◆ **Your objective**: Out of the data below, copy every line with the string "CompositionType".

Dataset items
══════

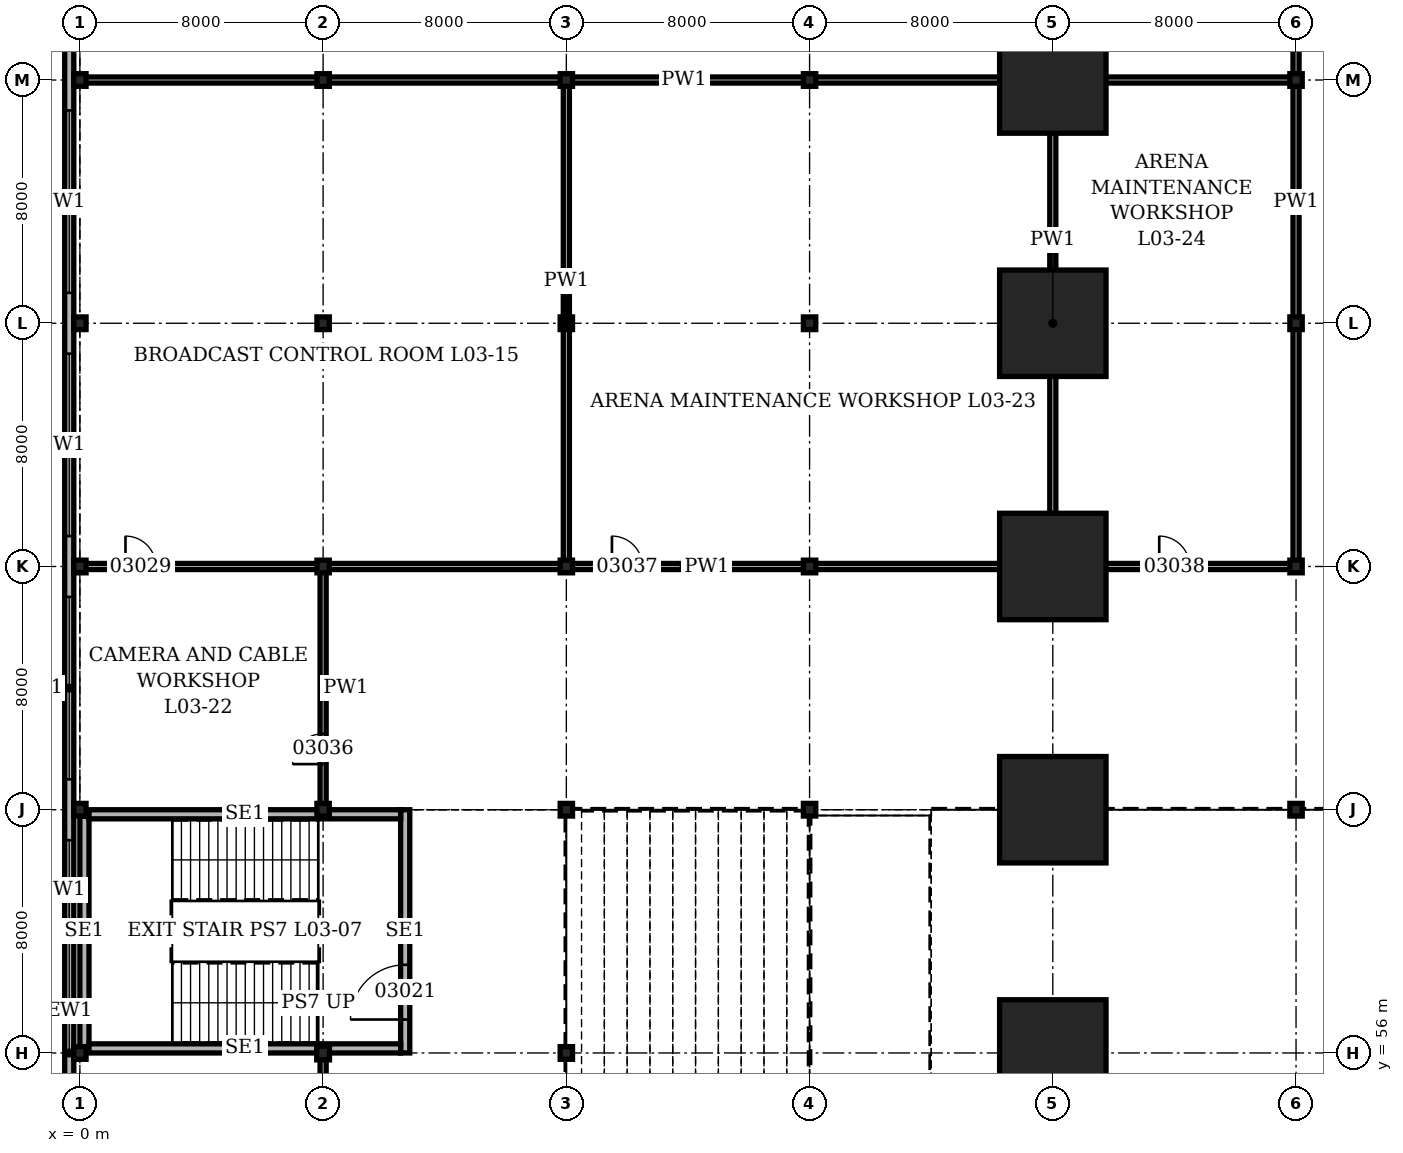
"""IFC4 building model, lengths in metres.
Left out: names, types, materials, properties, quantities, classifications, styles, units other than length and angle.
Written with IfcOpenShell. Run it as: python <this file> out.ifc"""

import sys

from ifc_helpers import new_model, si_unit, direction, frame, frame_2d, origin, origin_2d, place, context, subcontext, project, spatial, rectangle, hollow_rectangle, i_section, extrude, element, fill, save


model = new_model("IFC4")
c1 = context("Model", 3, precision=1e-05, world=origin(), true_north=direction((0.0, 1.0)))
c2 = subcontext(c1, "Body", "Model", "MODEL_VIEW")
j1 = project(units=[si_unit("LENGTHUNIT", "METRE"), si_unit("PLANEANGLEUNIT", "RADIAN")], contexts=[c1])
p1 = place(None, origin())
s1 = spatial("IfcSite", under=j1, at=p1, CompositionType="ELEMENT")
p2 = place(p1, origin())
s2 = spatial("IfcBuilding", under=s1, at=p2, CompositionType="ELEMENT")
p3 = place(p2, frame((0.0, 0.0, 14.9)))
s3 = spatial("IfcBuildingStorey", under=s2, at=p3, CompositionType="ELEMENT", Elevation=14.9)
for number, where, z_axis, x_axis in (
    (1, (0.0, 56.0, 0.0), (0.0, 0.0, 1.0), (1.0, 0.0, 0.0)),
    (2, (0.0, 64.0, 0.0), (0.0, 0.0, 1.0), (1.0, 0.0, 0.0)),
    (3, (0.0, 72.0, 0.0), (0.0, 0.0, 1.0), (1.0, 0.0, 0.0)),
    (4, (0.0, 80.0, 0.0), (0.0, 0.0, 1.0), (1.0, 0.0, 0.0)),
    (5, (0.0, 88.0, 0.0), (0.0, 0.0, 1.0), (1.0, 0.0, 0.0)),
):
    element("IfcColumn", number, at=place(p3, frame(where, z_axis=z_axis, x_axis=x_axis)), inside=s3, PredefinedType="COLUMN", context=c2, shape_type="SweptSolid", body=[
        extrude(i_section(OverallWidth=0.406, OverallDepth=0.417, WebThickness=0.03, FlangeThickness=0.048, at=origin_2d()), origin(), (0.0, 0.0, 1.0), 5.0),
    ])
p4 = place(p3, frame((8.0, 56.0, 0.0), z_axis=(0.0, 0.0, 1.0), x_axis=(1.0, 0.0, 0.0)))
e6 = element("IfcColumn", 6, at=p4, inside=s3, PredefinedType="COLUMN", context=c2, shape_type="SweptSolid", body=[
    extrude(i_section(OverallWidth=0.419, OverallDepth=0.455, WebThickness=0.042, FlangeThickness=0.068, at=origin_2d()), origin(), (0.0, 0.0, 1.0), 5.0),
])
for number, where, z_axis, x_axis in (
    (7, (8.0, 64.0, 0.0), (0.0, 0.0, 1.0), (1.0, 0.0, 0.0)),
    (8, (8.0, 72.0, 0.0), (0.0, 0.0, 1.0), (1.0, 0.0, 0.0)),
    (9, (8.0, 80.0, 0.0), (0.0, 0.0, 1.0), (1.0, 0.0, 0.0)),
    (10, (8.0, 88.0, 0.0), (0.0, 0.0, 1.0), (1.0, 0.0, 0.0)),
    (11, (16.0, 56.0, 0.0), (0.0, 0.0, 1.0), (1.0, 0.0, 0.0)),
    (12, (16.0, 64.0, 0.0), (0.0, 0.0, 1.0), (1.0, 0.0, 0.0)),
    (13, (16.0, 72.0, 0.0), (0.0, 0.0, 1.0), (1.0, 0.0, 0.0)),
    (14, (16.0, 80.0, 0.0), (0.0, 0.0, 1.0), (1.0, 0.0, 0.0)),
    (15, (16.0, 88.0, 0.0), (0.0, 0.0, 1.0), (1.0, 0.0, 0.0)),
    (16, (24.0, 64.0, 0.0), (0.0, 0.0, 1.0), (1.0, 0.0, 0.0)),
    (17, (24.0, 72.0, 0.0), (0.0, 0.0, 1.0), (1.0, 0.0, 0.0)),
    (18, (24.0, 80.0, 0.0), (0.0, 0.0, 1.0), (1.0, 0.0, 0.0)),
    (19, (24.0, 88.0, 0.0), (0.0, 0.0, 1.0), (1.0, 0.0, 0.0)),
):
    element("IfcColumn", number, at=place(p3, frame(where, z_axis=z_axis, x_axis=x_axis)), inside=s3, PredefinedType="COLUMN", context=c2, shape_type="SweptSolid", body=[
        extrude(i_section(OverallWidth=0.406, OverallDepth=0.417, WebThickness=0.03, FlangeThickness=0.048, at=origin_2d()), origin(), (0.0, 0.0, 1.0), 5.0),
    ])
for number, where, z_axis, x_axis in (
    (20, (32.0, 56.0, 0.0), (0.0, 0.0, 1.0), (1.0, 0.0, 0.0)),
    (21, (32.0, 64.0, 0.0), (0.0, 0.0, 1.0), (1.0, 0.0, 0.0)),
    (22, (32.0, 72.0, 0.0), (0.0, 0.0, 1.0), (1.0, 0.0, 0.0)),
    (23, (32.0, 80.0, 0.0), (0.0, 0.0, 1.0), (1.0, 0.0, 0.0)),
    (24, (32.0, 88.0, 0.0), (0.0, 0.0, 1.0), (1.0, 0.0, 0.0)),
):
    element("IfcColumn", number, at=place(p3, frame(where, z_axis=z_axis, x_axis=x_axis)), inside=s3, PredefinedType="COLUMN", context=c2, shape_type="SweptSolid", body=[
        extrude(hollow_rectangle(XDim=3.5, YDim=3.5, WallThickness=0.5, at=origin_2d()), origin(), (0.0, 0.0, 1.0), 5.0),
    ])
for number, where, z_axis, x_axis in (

══════

◆ **Reply to the exercise**:
s1 = spatial("IfcSite", under=j1, at=p1, CompositionType="ELEMENT")
s2 = spatial("IfcBuilding", under=s1, at=p2, CompositionType="ELEMENT")
s3 = spatial("IfcBuildingStorey", under=s2, at=p3, CompositionType="ELEMENT", Elevation=14.9)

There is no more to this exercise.